■ **Task objective**
Only the lines from the first line of the entries through the line with "Upper slot (through, 12" belong in the answer, each restated word for word and without pictures.

(Collection entries)
□ □ □
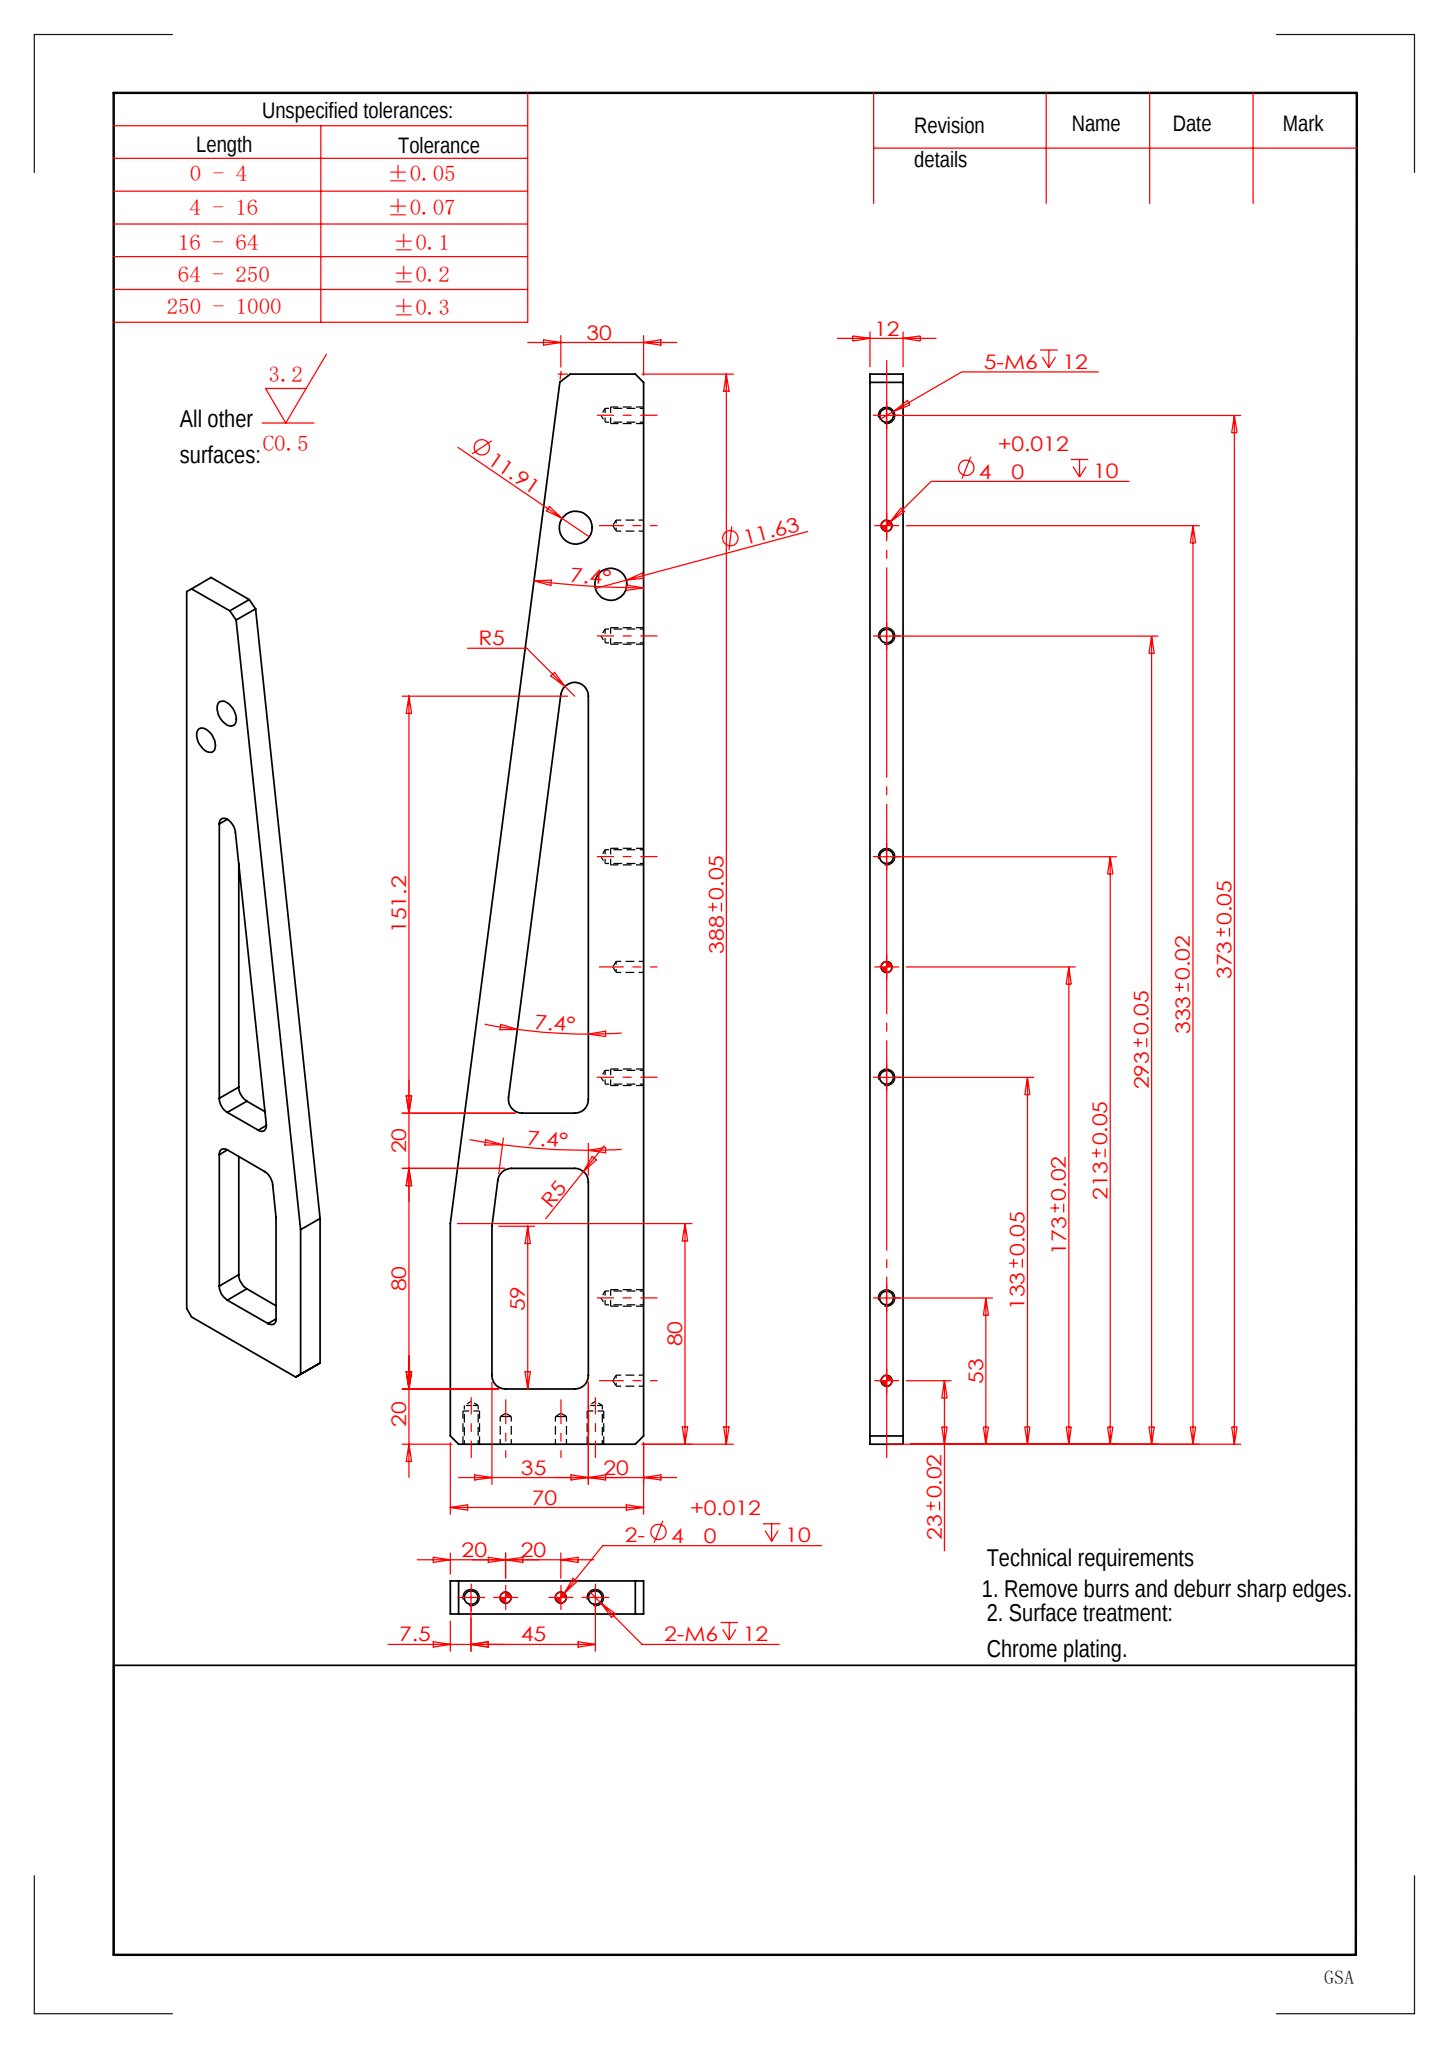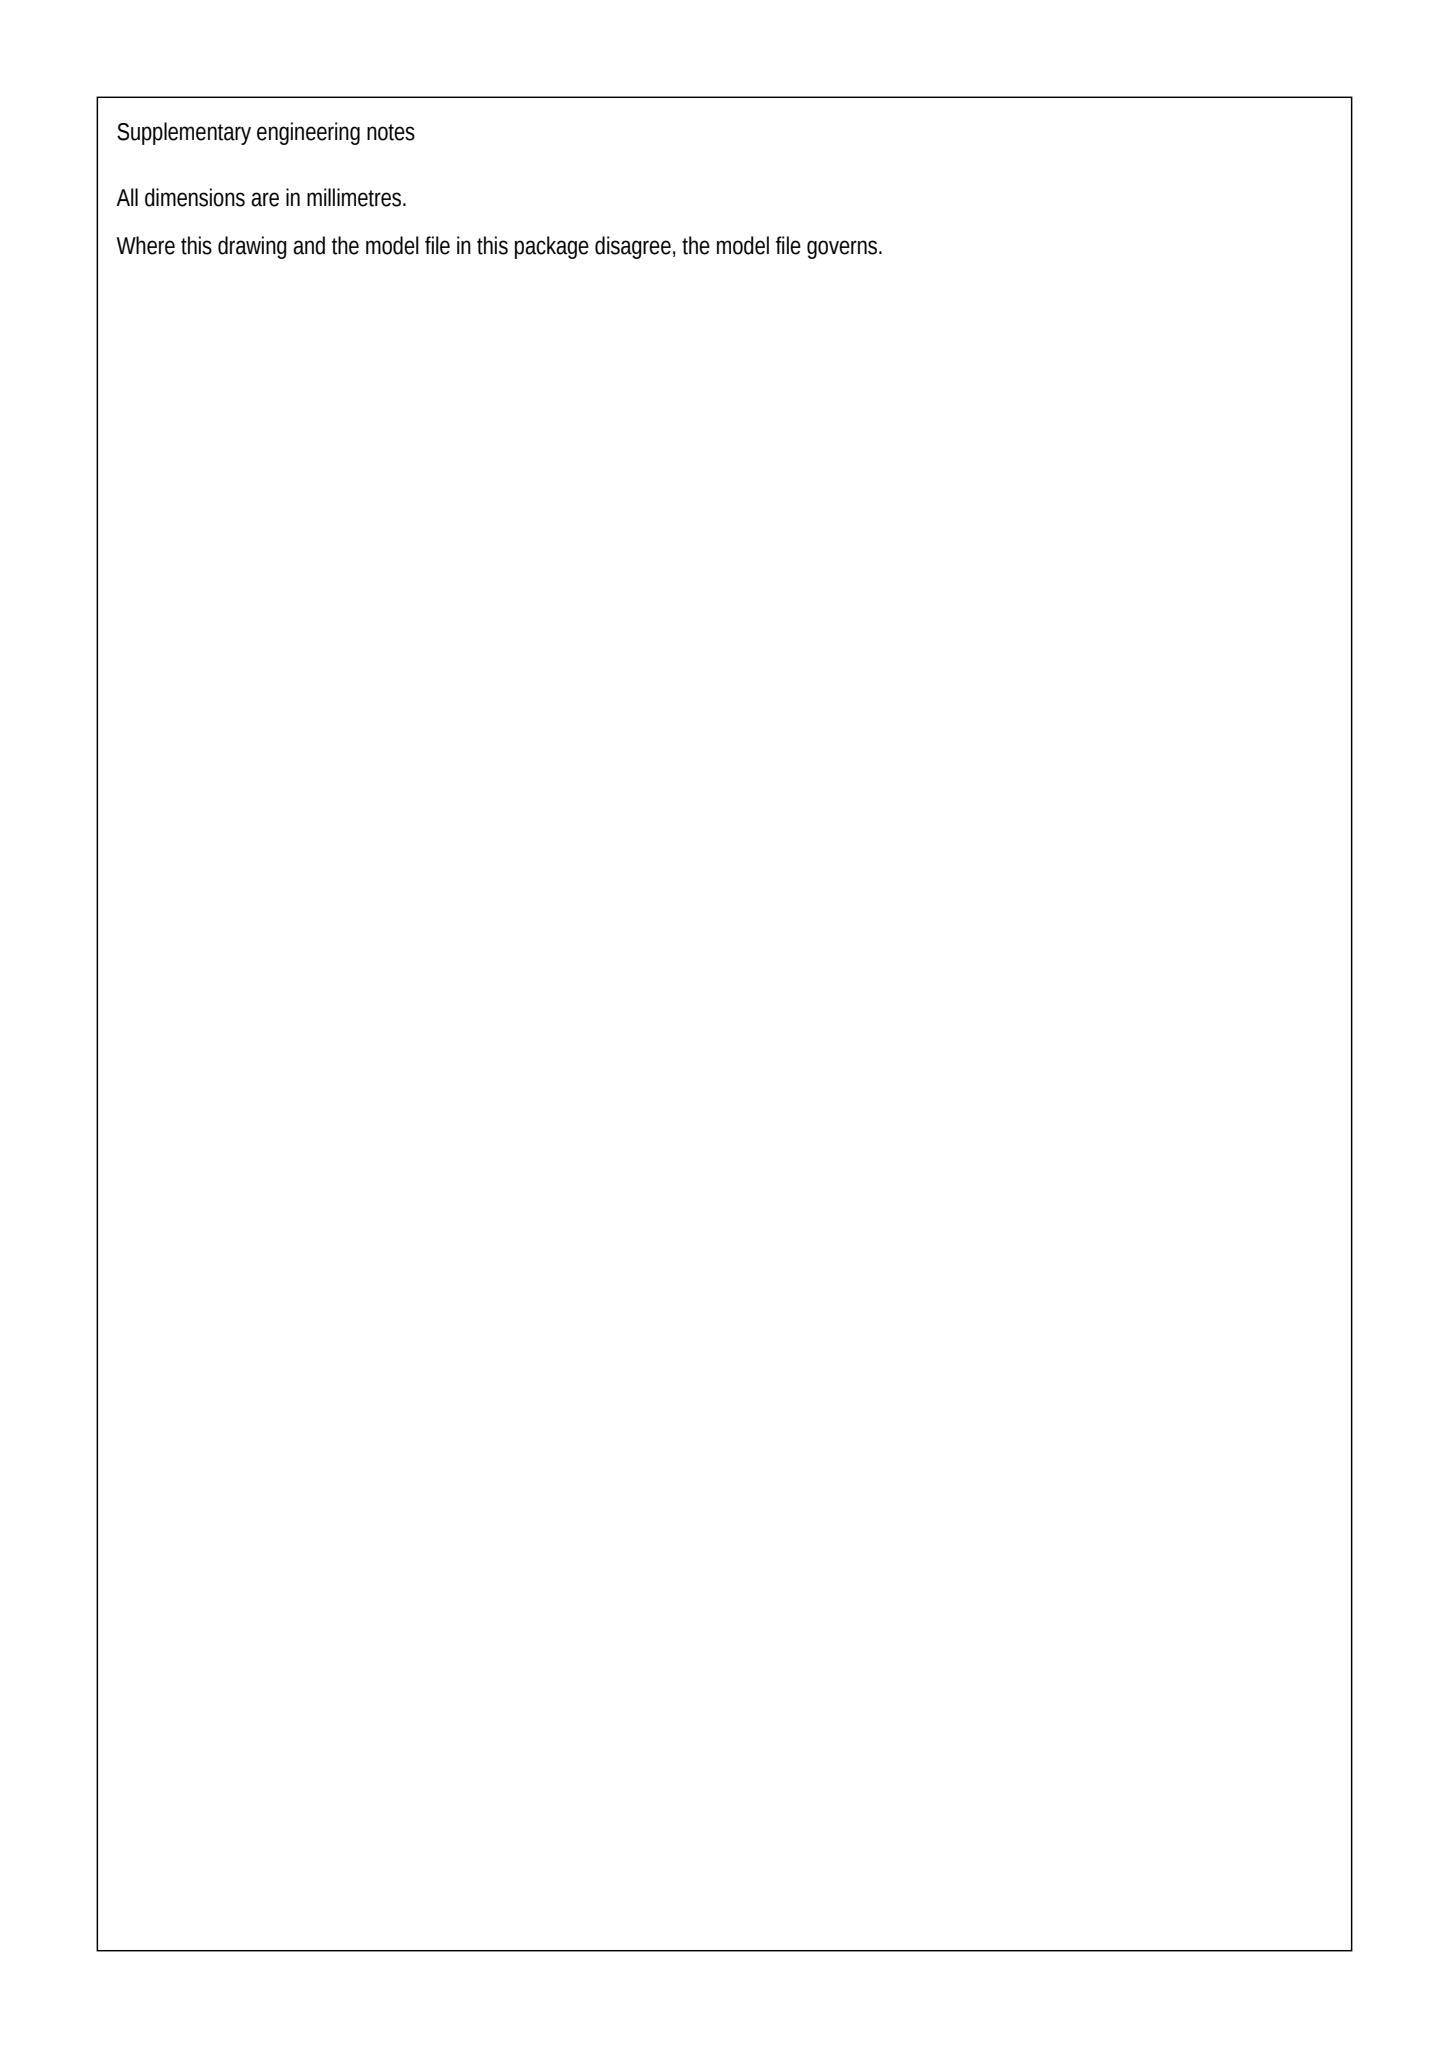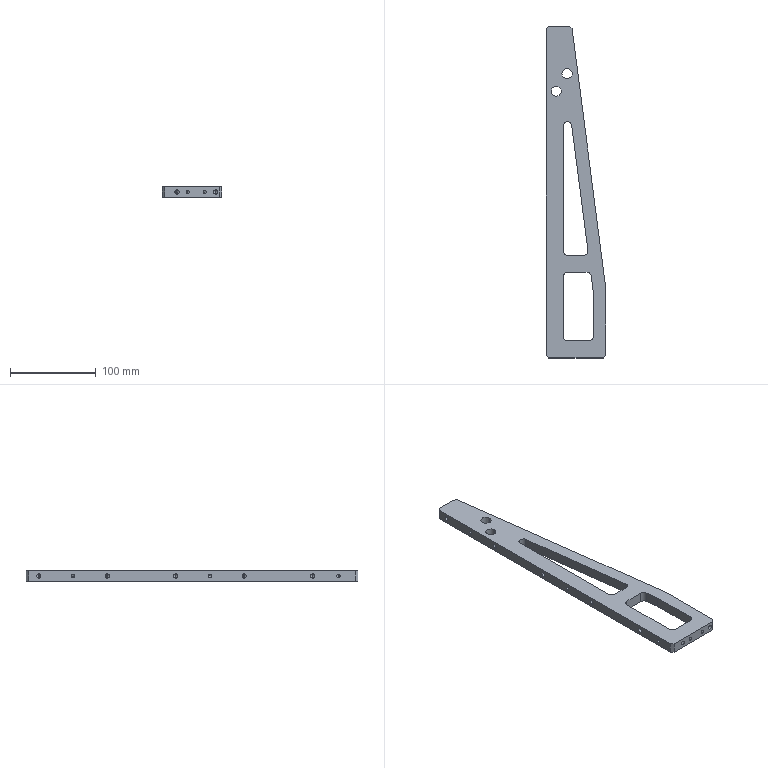Part | SolidWorks | mm | 1 solid | 78 faces | box 70 x 388 x 12 mm | volume 177144 mm3 | cylinder 35 | cone 24 | plane 19 | commonest cylinder face diameters 5 x14 4 x10 10 x7 11.626 x2 11.911 x2
Drawing notes:
Upper slot (through, 12 thk): left edge at X=20 from left face; right edge tapered from X=48.99 at Y=125 to X=30.0 at Y=271.21; all corners R5. | from the solid: axis_planes x=20.0; 10.0 dia z-cylinders (R5 corners) at [25,125], [43.99,125], [25,271.21], length 12 = full thickness
Upper slot top end: R5 arc centre at Y=271.21 from bottom face (the 151.2 is to the arc centre); slot end/tangent at Y=276.21. | from the solid: 10.0 dia z-cylinder at [25.0, 271.21], length 12
Lower pocket: left edge on plane X=20; R5 corner-arc centres at (X=25, Y=25), (X=50, Y=25), (X=25, Y=95), (X=47.88, Y=95); right edge at X=55 at the lower end, tapered 7.4 deg. Pocket extent in Y = 20 to 100 from bottom end face. | from the solid: cylinders dia10 axis z at [25,25], [50,25], [25,95], [47.88,95]; axis_planes x=20, x=55, y=20, y=100
TOP-END CORNER BEVEL (balloon-free, front view top right): planar bevel joining the top end face (Y=388 from bottom end face) to the 7.4° tapered right edge; legs 3.9 in X (X=26.5 to X=30.4 from left face) x 3.0 in Y (Y=385 to Y=388), face inclined 52.4° to the X axis, full 12 thickness. Top end face therefore extends X=3.0 to X=26.5. | from the solid: inclined_planes: angle_to_xyz_axes [52.4,37.6,90], bbox_from [26.5,385.0,0.0], size [3.9,3.0,12.0]; axis_planes y=388 extent x [3.0,26.5]
4X C3 (balloon 6) APPLIES TO THE FOUR VERTICAL OUTER CORNER EDGES, full 12 thickness: three are 3 x 3 at 45° at corners (X=0, Y=0), (X=0, Y=388) and (X=70, Y=0) measured from the left face and bottom end face; the fourth is the top-right corner bevel 3.9 x 3.0 (X=26.5-30.4, Y=385-388). | from the solid: inclined_planes: three faces angle [45,45,90] with bbox_from [0,0,0], [0,385,0], [67,0,0], each size [3.0,3.0,12.0]; plus face angle [52.4,37.6,90] bbox_from [26.5,385,0] size [3.9,3.0,12.0]
build123d program:
from build123d import *
from OCP.BRepFilletAPI import BRepFilletAPI_MakeChamfer

# Parameters (mm, degrees)
BOSS_EXTRUDE1_DEPTH          = 6
M6_TAPPED_HOLE1_D            = 5
M6_TAPPED_HOLE1_DEPTH        = 14
M6_TAPPED_HOLE1_TIP          = 1.502
F_4_0_4_DIAMETER_HOLE1_D     = 4
F_4_0_4_DIAMETER_HOLE1_DEPTH = 10
F_4_0_4_DIAMETER_HOLE1_TIP   = 1.202
M6_TAPPED_HOLE2_D            = 5
M6_TAPPED_HOLE2_DEPTH        = 14
M6_TAPPED_HOLE2_TIP          = 1.502
F_4_0_4_DIAMETER_HOLE2_D     = 4
F_4_0_4_DIAMETER_HOLE2_DEPTH = 10
F_4_0_4_DIAMETER_HOLE2_TIP   = 1.202
CHAMFER1_SIZE                = 3
CHAMFER1_SIZE2               = 3.477
CUT_EXTRUDE1_DEPTH           = 395.446
SKETCH11_R                   = 5.813
SKETCH11_R_2                 = 5.956
CUT_EXTRUDE2_DEPTH           = 180


with BuildPart() as part:
    # Sketch1 → Boss-Extrude1 (new, symmetric)
    with BuildSketch(Plane.XY):
        Polygon((0, 0), (70, 0), (70, 80), (30, 388), (0, 388), align=None)
    extrude(amount=BOSS_EXTRUDE1_DEPTH, both=True)

    # M6 Tapped Hole1
    with Locations(Plane(origin=(9.17, 0, 10.008), x_dir=(1, 0, 0), z_dir=(0, -1, 0))):
        with Locations((8.33, -10.008), (53.33, -10.008)):
            Hole(M6_TAPPED_HOLE1_D / 2, depth=M6_TAPPED_HOLE1_DEPTH)
            with Locations((0, 0, -(M6_TAPPED_HOLE1_DEPTH + M6_TAPPED_HOLE1_TIP / 2))):  # 118° drill point
                Cone(0, M6_TAPPED_HOLE1_D / 2, M6_TAPPED_HOLE1_TIP, mode=Mode.SUBTRACT)

    # 4.0 _4_ Diameter Hole1
    with Locations(Plane(origin=(7.371, 0, 9.222), x_dir=(1, 0, 0), z_dir=(0, -1, 0))):
        with Locations((22.629, -9.222), (42.629, -9.222)):
            Hole(F_4_0_4_DIAMETER_HOLE1_D / 2, depth=F_4_0_4_DIAMETER_HOLE1_DEPTH)
            with Locations((0, 0, -(F_4_0_4_DIAMETER_HOLE1_DEPTH + F_4_0_4_DIAMETER_HOLE1_TIP / 2))):  # 118° drill point
                Cone(0, F_4_0_4_DIAMETER_HOLE1_D / 2, F_4_0_4_DIAMETER_HOLE1_TIP, mode=Mode.SUBTRACT)

    # M6 Tapped Hole2
    with Locations(Plane(origin=(0, 373, 0), x_dir=(0, 0, -1), z_dir=(-1, 0, 0))):
        with Locations((0, 0), (0, 80), (0, 160), (0, 240), (0, 320)):
            Hole(M6_TAPPED_HOLE2_D / 2, depth=M6_TAPPED_HOLE2_DEPTH)
            with Locations((0, 0, -(M6_TAPPED_HOLE2_DEPTH + M6_TAPPED_HOLE2_TIP / 2))):  # 118° drill point
                Cone(0, M6_TAPPED_HOLE2_D / 2, M6_TAPPED_HOLE2_TIP, mode=Mode.SUBTRACT)

    # 4.0 _4_ Diameter Hole2
    with Locations(Plane(origin=(0, 333, 0), x_dir=(0, 0, -1), z_dir=(-1, 0, 0))):
        with Locations((0, 0), (0, 160), (0, 310)):
            Hole(F_4_0_4_DIAMETER_HOLE2_D / 2, depth=F_4_0_4_DIAMETER_HOLE2_DEPTH)
            with Locations((0, 0, -(F_4_0_4_DIAMETER_HOLE2_DEPTH + F_4_0_4_DIAMETER_HOLE2_TIP / 2))):  # 118° drill point
                Cone(0, F_4_0_4_DIAMETER_HOLE2_D / 2, F_4_0_4_DIAMETER_HOLE2_TIP, mode=Mode.SUBTRACT)

    # Chamfer1: one chamfer whose edges measure the first distance from different faces: ONE call of the kernel's chamfer builder (chamfer() names one face for all edges)
    chamfer1_edges_1 = [part.edges().sort_by_distance(p)[0] for p in [
        (70, 0, 0),
        (0, 0, 0),
        (0, 388, 0),
    ]]
    chamfer1_edges_2 = [part.edges().sort_by_distance(p)[0] for p in [
        (30, 388, 0),
    ]]
    chamfer1_side_2 = [part.faces().sort_by_distance(p)[0] for p in [
        (50, 234, 0),
    ]]
    chamfer1 = BRepFilletAPI_MakeChamfer(part.part.solid().wrapped)
    for e in chamfer1_edges_1:
        chamfer1.Add(CHAMFER1_SIZE, e.wrapped)
    for e in chamfer1_edges_2:
        chamfer1.Add(CHAMFER1_SIZE, CHAMFER1_SIZE2, e.wrapped, chamfer1_side_2[0].wrapped)  # the first distance lies on this face
    add(Compound.cast(chamfer1.Shape()), mode=Mode.REPLACE)

    # Sketch10 → Cut-Extrude1 (cut, through all)
    with BuildSketch(Plane(origin=(0, 0, -6), x_dir=(-1, 0, 0), z_dir=(0, 0, -1))):
        with BuildLine():
            ThreePointArc((-47.884, 100), (-51.184, 98.756), (-52.842, 95.644))
            Line((-52.842, 95.644), (-55, 79.03))
            Line((-55, 79.03), (-55, 25))
            ThreePointArc((-55, 25), (-53.536, 21.464), (-50, 20))
            Line((-50, 20), (-25, 20))
            ThreePointArc((-25, 20), (-21.464, 21.464), (-20, 25))
            Line((-20, 25), (-20, 95))
            ThreePointArc((-20, 95), (-21.464, 98.536), (-25, 100))
            Line((-25, 100), (-47.884, 100))
        make_face()
        with BuildLine():
            Line((-20, 271.207), (-20, 125))
            ThreePointArc((-20, 125), (-21.464, 121.464), (-25, 120))
            Line((-25, 120), (-43.988, 120))
            ThreePointArc((-43.988, 120), (-47.744, 121.7), (-48.946, 125.644))
            Line((-48.946, 125.644), (-29.958, 271.851))
            ThreePointArc((-29.958, 271.851), (-24.677, 276.196), (-20, 271.207))
        make_face()
    extrude(amount=-CUT_EXTRUDE1_DEPTH, mode=Mode.SUBTRACT)

    # Sketch11 → Cut-Extrude2 (cut)
    with BuildSketch(Plane.XY.offset(6)):
        with Locations((11.876, 311.763)):
            Circle(SKETCH11_R)
        with Locations((24.593, 332.306)):
            Circle(SKETCH11_R_2)
    extrude(amount=-CUT_EXTRUDE2_DEPTH, mode=Mode.SUBTRACT)


solid = part.part
□ □ □
■ **Solution for this problem**
Part | SolidWorks | mm | 1 solid | 78 faces | box 70 x 388 x 12 mm | volume 177144 mm3 | cylinder 35 | cone 24 | plane 19 | commonest cylinder face diameters 5 x14 4 x10 10 x7 11.626 x2 11.911 x2
Drawing notes:
Upper slot (through, 12 thk): left edge at X=20 from left face; right edge tapered from X=48.99 at Y=125 to X=30.0 at Y=271.21; all corners R5. | from the solid: axis_planes x=20.0; 10.0 dia z-cylinders (R5 corners) at [25,125], [43.99,125], [25,271.21], length 12 = full thickness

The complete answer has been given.